### Work order
Write out the data below in full, unchanged, minus the images.

········

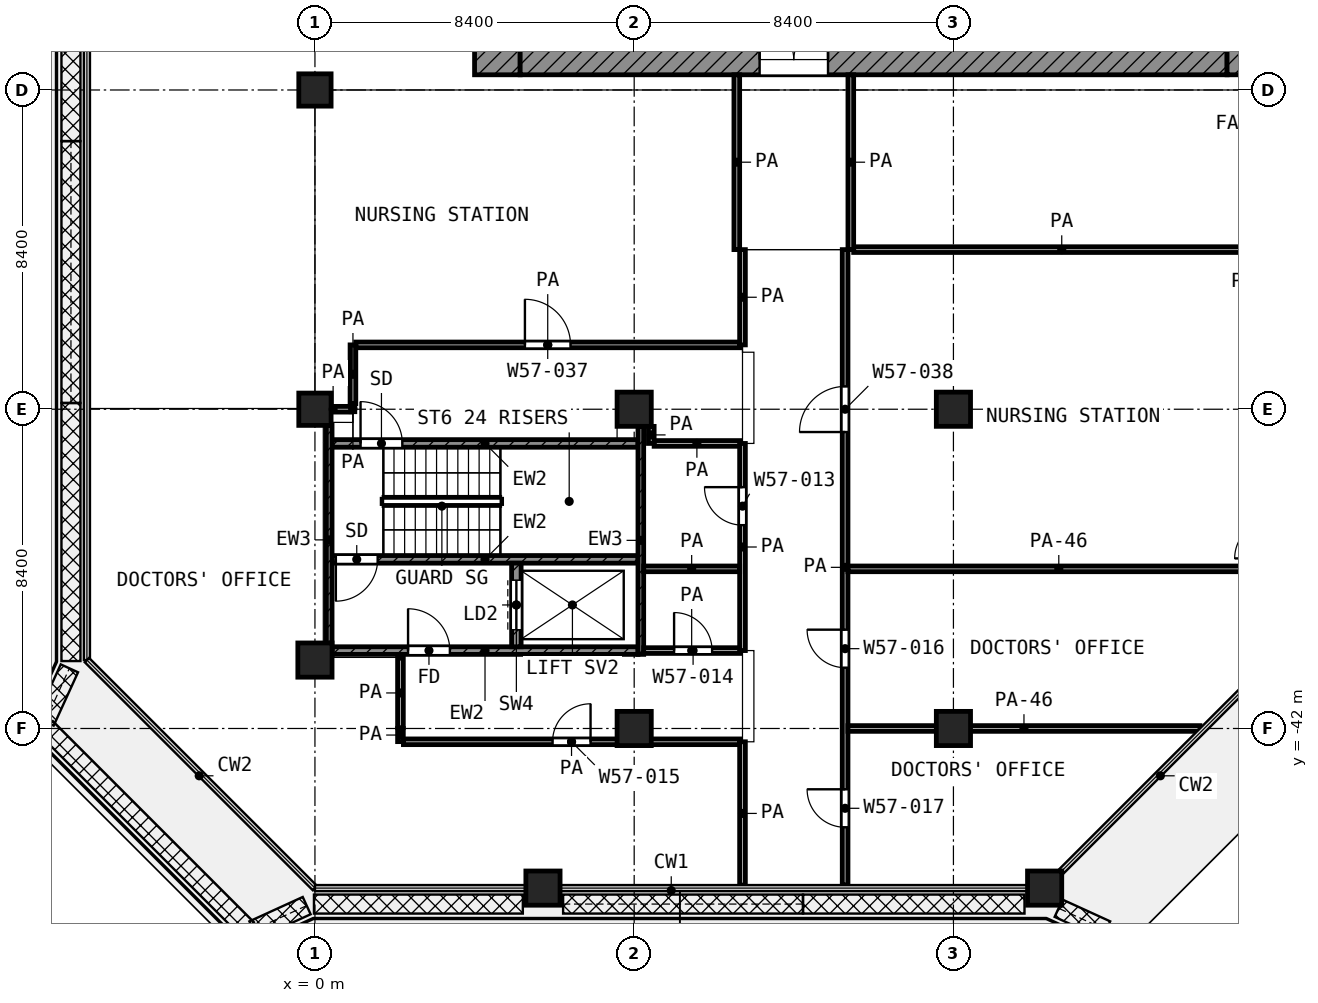
"""IFC4 building model, lengths in metres.
Left out: names, types, materials, properties, quantities, classifications, styles, units other than length and angle.
Written with IfcOpenShell. Run it as: python <this file> out.ifc"""

import sys

from ifc_helpers import new_model, si_unit, direction, frame, frame_2d, origin, origin_2d, place, context, subcontext, project, spatial, rectangle, extrude, element, fill, save


model = new_model("IFC4")
c1 = context("Model", 3, precision=1e-05, world=origin(), true_north=direction((0.0, 1.0)))
c2 = subcontext(c1, "Body", "Model", "MODEL_VIEW")
j1 = project(units=[si_unit("LENGTHUNIT", "METRE"), si_unit("PLANEANGLEUNIT", "RADIAN")], contexts=[c1])
p1 = place(None, origin())
s1 = spatial("IfcSite", under=j1, at=p1, CompositionType="ELEMENT")
p2 = place(p1, origin())
s2 = spatial("IfcBuilding", under=s1, at=p2, CompositionType="ELEMENT")
p3 = place(p2, frame((0.0, 0.0, 247.4)))
s3 = spatial("IfcBuildingStorey", under=s2, at=p3, CompositionType="ELEMENT", Elevation=247.4)
for number, where, z_axis, x_axis in (
    (1, (0.0, -25.2, 0.0), (0.0, 0.0, 1.0), (1.0, 0.0, 0.0)),
    (2, (0.0, -33.6, 0.0), (0.0, 0.0, 1.0), (1.0, 0.0, 0.0)),
):
    element("IfcColumn", number, at=place(p3, frame(where, z_axis=z_axis, x_axis=x_axis)), inside=s3, PredefinedType="COLUMN", context=c2, shape_type="SweptSolid", body=[
        extrude(rectangle(XDim=0.85, YDim=0.85, at=origin_2d()), origin(), (0.0, 0.0, 1.0), 4.2),
    ])
for number, where, z_axis, x_axis in (
    (3, (8.4, -33.6, 0.0), (0.0, 0.0, 1.0), (1.0, 0.0, 0.0)),
    (4, (16.8, -33.6, 0.0), (0.0, 0.0, 1.0), (1.0, 0.0, 0.0)),
    (5, (0.0, -40.2, 0.0), (0.0, 0.0, 1.0), (1.0, 0.0, 0.0)),
    (6, (8.4, -42.0, 0.0), (0.0, 0.0, 1.0), (1.0, 0.0, 0.0)),
    (7, (16.8, -42.0, 0.0), (0.0, 0.0, 1.0), (1.0, 0.0, 0.0)),
    (8, (6.0, -46.2, 0.0), (0.0, 0.0, 1.0), (1.0, 0.0, 0.0)),
    (9, (19.2, -46.2, 0.0), (0.0, 0.0, 1.0), (1.0, 0.0, 0.0)),
):
    element("IfcColumn", number, at=place(p3, frame(where, z_axis=z_axis, x_axis=x_axis)), inside=s3, PredefinedType="COLUMN", context=c2, shape_type="SweptSolid", body=[
        extrude(rectangle(XDim=0.9, YDim=0.9, at=origin_2d()), origin(), (0.0, 0.0, 1.0), 4.2),
    ])
p4 = place(p3, frame((4.8, -24.8, 0.0), z_axis=(0.0, 0.0, 1.0), x_axis=(0.0, 1.0, 0.0)))
e10 = element("IfcWall", 10, at=p4, inside=s3, PredefinedType="SHEAR", context=c2, shape_type="SweptSolid", body=[
    extrude(rectangle(XDim=19.4, YDim=1.2, at=frame_2d((9.7, 0.0))), origin(), (0.0, 0.0, 1.0), 3.6),
])
p5 = place(p4, frame((11.25, 0.0, 0.0)))
e11 = element("IfcOpeningElement", 11, at=p5, cuts=e10, PredefinedType="OPENING", context=c2, shape_type="SweptSolid", body=[
    extrude(rectangle(XDim=1.1, YDim=2.1, at=frame_2d((0.55, 1.05))), frame((0.0, 0.61, 0.0), z_axis=(0.0, -1.0, 0.0), x_axis=(1.0, 0.0, 0.0)), (0.0, 0.0, 1.0), 1.22),
])
p6 = place(p4, frame((1.95, 0.0, 0.0)))
e12 = element("IfcOpeningElement", 12, at=p6, cuts=e10, PredefinedType="OPENING", context=c2, shape_type="SweptSolid", body=[
    extrude(rectangle(XDim=1.1, YDim=2.1, at=frame_2d((0.55, 1.05))), frame((0.0, 0.61, 0.0), z_axis=(0.0, -1.0, 0.0), x_axis=(1.0, 0.0, 0.0)), (0.0, 0.0, 1.0), 1.22),
])
p7 = place(p3, frame((5.4, -24.4, 0.0), z_axis=(0.0, 0.0, 1.0), x_axis=(1.0, 0.0, 0.0)))
e13 = element("IfcWall", 13, at=p7, inside=s3, PredefinedType="SHEAR", context=c2, shape_type="SweptSolid", body=[
    extrude(rectangle(XDim=18.6, YDim=0.8, at=frame_2d((9.3, 0.0))), origin(), (0.0, 0.0, 1.0), 3.6),
])
p8 = place(p7, frame((6.3, 0.0, 0.0)))
e14 = element("IfcOpeningElement", 14, at=p8, cuts=e13, PredefinedType="OPENING", context=c2, shape_type="SweptSolid", body=[
    extrude(rectangle(XDim=1.8, YDim=2.1, at=frame_2d((0.9, 1.05))), frame((0.0, 0.41, 0.0), z_axis=(0.0, -1.0, 0.0), x_axis=(1.0, 0.0, 0.0)), (0.0, 0.0, 1.0), 0.82),
])
p9 = place(p3, frame((24.4, -24.8, 0.0), z_axis=(0.0, 0.0, 1.0), x_axis=(0.0, 1.0, 0.0)))
e15 = element("IfcWall", 15, at=p9, inside=s3, PredefinedType="SHEAR", context=c2, shape_type="SweptSolid", body=[
    extrude(rectangle(XDim=0.8, YDim=0.8, at=frame_2d((0.4, 0.0))), origin(), (0.0, 0.0, 1.0), 3.6),
])
p10 = place(p3, frame((0.375, -40.05, 0.0), z_axis=(0.0, 0.0, 1.0), x_axis=(0.0, 1.0, 0.0)))
e16 = element("IfcWall", 16, at=p10, inside=s3, PredefinedType="SHEAR", context=c2, shape_type="SweptSolid", body=[
    extrude(rectangle(XDim=6.025, YDim=0.15, at=frame_2d((3.013, 0.0))), origin(), (0.0, 0.0, 1.0), 3.6),
])
p11 = place(p3, frame((8.575, -40.05, 0.0), z_axis=(0.0, 0.0, 1.0), x_axis=(0.0, 1.0, 0.0)))
e17 = element("IfcWall", 17, at=p11, inside=s3, PredefinedType="SHEAR", context=c2, shape_type="SweptSolid", body=[
    extrude(rectangle(XDim=6.0, YDim=0.15, at=frame_2d((3.0, 0.0))), origin(), (0.0, 0.0, 1.0), 3.6),
])
p12 = place(p3, frame((0.45, -34.5, 0.0), z_axis=(0.0, 0.0, 1.0), x_axis=(1.0, 0.0, 0.0)))
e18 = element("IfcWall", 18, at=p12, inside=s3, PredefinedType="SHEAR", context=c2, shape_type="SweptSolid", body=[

········

### Reply
"""IFC4 building model, lengths in metres.
Left out: names, types, materials, properties, quantities, classifications, styles, units other than length and angle.
Written with IfcOpenShell. Run it as: python <this file> out.ifc"""

import sys

from ifc_helpers import new_model, si_unit, direction, frame, frame_2d, origin, origin_2d, place, context, subcontext, project, spatial, rectangle, extrude, element, fill, save


model = new_model("IFC4")
c1 = context("Model", 3, precision=1e-05, world=origin(), true_north=direction((0.0, 1.0)))
c2 = subcontext(c1, "Body", "Model", "MODEL_VIEW")
j1 = project(units=[si_unit("LENGTHUNIT", "METRE"), si_unit("PLANEANGLEUNIT", "RADIAN")], contexts=[c1])
p1 = place(None, origin())
s1 = spatial("IfcSite", under=j1, at=p1, CompositionType="ELEMENT")
p2 = place(p1, origin())
s2 = spatial("IfcBuilding", under=s1, at=p2, CompositionType="ELEMENT")
p3 = place(p2, frame((0.0, 0.0, 247.4)))
s3 = spatial("IfcBuildingStorey", under=s2, at=p3, CompositionType="ELEMENT", Elevation=247.4)
for number, where, z_axis, x_axis in (
    (1, (0.0, -25.2, 0.0), (0.0, 0.0, 1.0), (1.0, 0.0, 0.0)),
    (2, (0.0, -33.6, 0.0), (0.0, 0.0, 1.0), (1.0, 0.0, 0.0)),
):
    element("IfcColumn", number, at=place(p3, frame(where, z_axis=z_axis, x_axis=x_axis)), inside=s3, PredefinedType="COLUMN", context=c2, shape_type="SweptSolid", body=[
        extrude(rectangle(XDim=0.85, YDim=0.85, at=origin_2d()), origin(), (0.0, 0.0, 1.0), 4.2),
    ])
for number, where, z_axis, x_axis in (
    (3, (8.4, -33.6, 0.0), (0.0, 0.0, 1.0), (1.0, 0.0, 0.0)),
    (4, (16.8, -33.6, 0.0), (0.0, 0.0, 1.0), (1.0, 0.0, 0.0)),
    (5, (0.0, -40.2, 0.0), (0.0, 0.0, 1.0), (1.0, 0.0, 0.0)),
    (6, (8.4, -42.0, 0.0), (0.0, 0.0, 1.0), (1.0, 0.0, 0.0)),
    (7, (16.8, -42.0, 0.0), (0.0, 0.0, 1.0), (1.0, 0.0, 0.0)),
    (8, (6.0, -46.2, 0.0), (0.0, 0.0, 1.0), (1.0, 0.0, 0.0)),
    (9, (19.2, -46.2, 0.0), (0.0, 0.0, 1.0), (1.0, 0.0, 0.0)),
):
    element("IfcColumn", number, at=place(p3, frame(where, z_axis=z_axis, x_axis=x_axis)), inside=s3, PredefinedType="COLUMN", context=c2, shape_type="SweptSolid", body=[
        extrude(rectangle(XDim=0.9, YDim=0.9, at=origin_2d()), origin(), (0.0, 0.0, 1.0), 4.2),
    ])
p4 = place(p3, frame((4.8, -24.8, 0.0), z_axis=(0.0, 0.0, 1.0), x_axis=(0.0, 1.0, 0.0)))
e10 = element("IfcWall", 10, at=p4, inside=s3, PredefinedType="SHEAR", context=c2, shape_type="SweptSolid", body=[
    extrude(rectangle(XDim=19.4, YDim=1.2, at=frame_2d((9.7, 0.0))), origin(), (0.0, 0.0, 1.0), 3.6),
])
p5 = place(p4, frame((11.25, 0.0, 0.0)))
e11 = element("IfcOpeningElement", 11, at=p5, cuts=e10, PredefinedType="OPENING", context=c2, shape_type="SweptSolid", body=[
    extrude(rectangle(XDim=1.1, YDim=2.1, at=frame_2d((0.55, 1.05))), frame((0.0, 0.61, 0.0), z_axis=(0.0, -1.0, 0.0), x_axis=(1.0, 0.0, 0.0)), (0.0, 0.0, 1.0), 1.22),
])
p6 = place(p4, frame((1.95, 0.0, 0.0)))
e12 = element("IfcOpeningElement", 12, at=p6, cuts=e10, PredefinedType="OPENING", context=c2, shape_type="SweptSolid", body=[
    extrude(rectangle(XDim=1.1, YDim=2.1, at=frame_2d((0.55, 1.05))), frame((0.0, 0.61, 0.0), z_axis=(0.0, -1.0, 0.0), x_axis=(1.0, 0.0, 0.0)), (0.0, 0.0, 1.0), 1.22),
])
p7 = place(p3, frame((5.4, -24.4, 0.0), z_axis=(0.0, 0.0, 1.0), x_axis=(1.0, 0.0, 0.0)))
e13 = element("IfcWall", 13, at=p7, inside=s3, PredefinedType="SHEAR", context=c2, shape_type="SweptSolid", body=[
    extrude(rectangle(XDim=18.6, YDim=0.8, at=frame_2d((9.3, 0.0))), origin(), (0.0, 0.0, 1.0), 3.6),
])
p8 = place(p7, frame((6.3, 0.0, 0.0)))
e14 = element("IfcOpeningElement", 14, at=p8, cuts=e13, PredefinedType="OPENING", context=c2, shape_type="SweptSolid", body=[
    extrude(rectangle(XDim=1.8, YDim=2.1, at=frame_2d((0.9, 1.05))), frame((0.0, 0.41, 0.0), z_axis=(0.0, -1.0, 0.0), x_axis=(1.0, 0.0, 0.0)), (0.0, 0.0, 1.0), 0.82),
])
p9 = place(p3, frame((24.4, -24.8, 0.0), z_axis=(0.0, 0.0, 1.0), x_axis=(0.0, 1.0, 0.0)))
e15 = element("IfcWall", 15, at=p9, inside=s3, PredefinedType="SHEAR", context=c2, shape_type="SweptSolid", body=[
    extrude(rectangle(XDim=0.8, YDim=0.8, at=frame_2d((0.4, 0.0))), origin(), (0.0, 0.0, 1.0), 3.6),
])
p10 = place(p3, frame((0.375, -40.05, 0.0), z_axis=(0.0, 0.0, 1.0), x_axis=(0.0, 1.0, 0.0)))
e16 = element("IfcWall", 16, at=p10, inside=s3, PredefinedType="SHEAR", context=c2, shape_type="SweptSolid", body=[
    extrude(rectangle(XDim=6.025, YDim=0.15, at=frame_2d((3.013, 0.0))), origin(), (0.0, 0.0, 1.0), 3.6),
])
p11 = place(p3, frame((8.575, -40.05, 0.0), z_axis=(0.0, 0.0, 1.0), x_axis=(0.0, 1.0, 0.0)))
e17 = element("IfcWall", 17, at=p11, inside=s3, PredefinedType="SHEAR", context=c2, shape_type="SweptSolid", body=[
    extrude(rectangle(XDim=6.0, YDim=0.15, at=frame_2d((3.0, 0.0))), origin(), (0.0, 0.0, 1.0), 3.6),
])
p12 = place(p3, frame((0.45, -34.5, 0.0), z_axis=(0.0, 0.0, 1.0), x_axis=(1.0, 0.0, 0.0)))
e18 = element("IfcWall", 18, at=p12, inside=s3, PredefinedType="SHEAR", context=c2, shape_type="SweptSolid", body=[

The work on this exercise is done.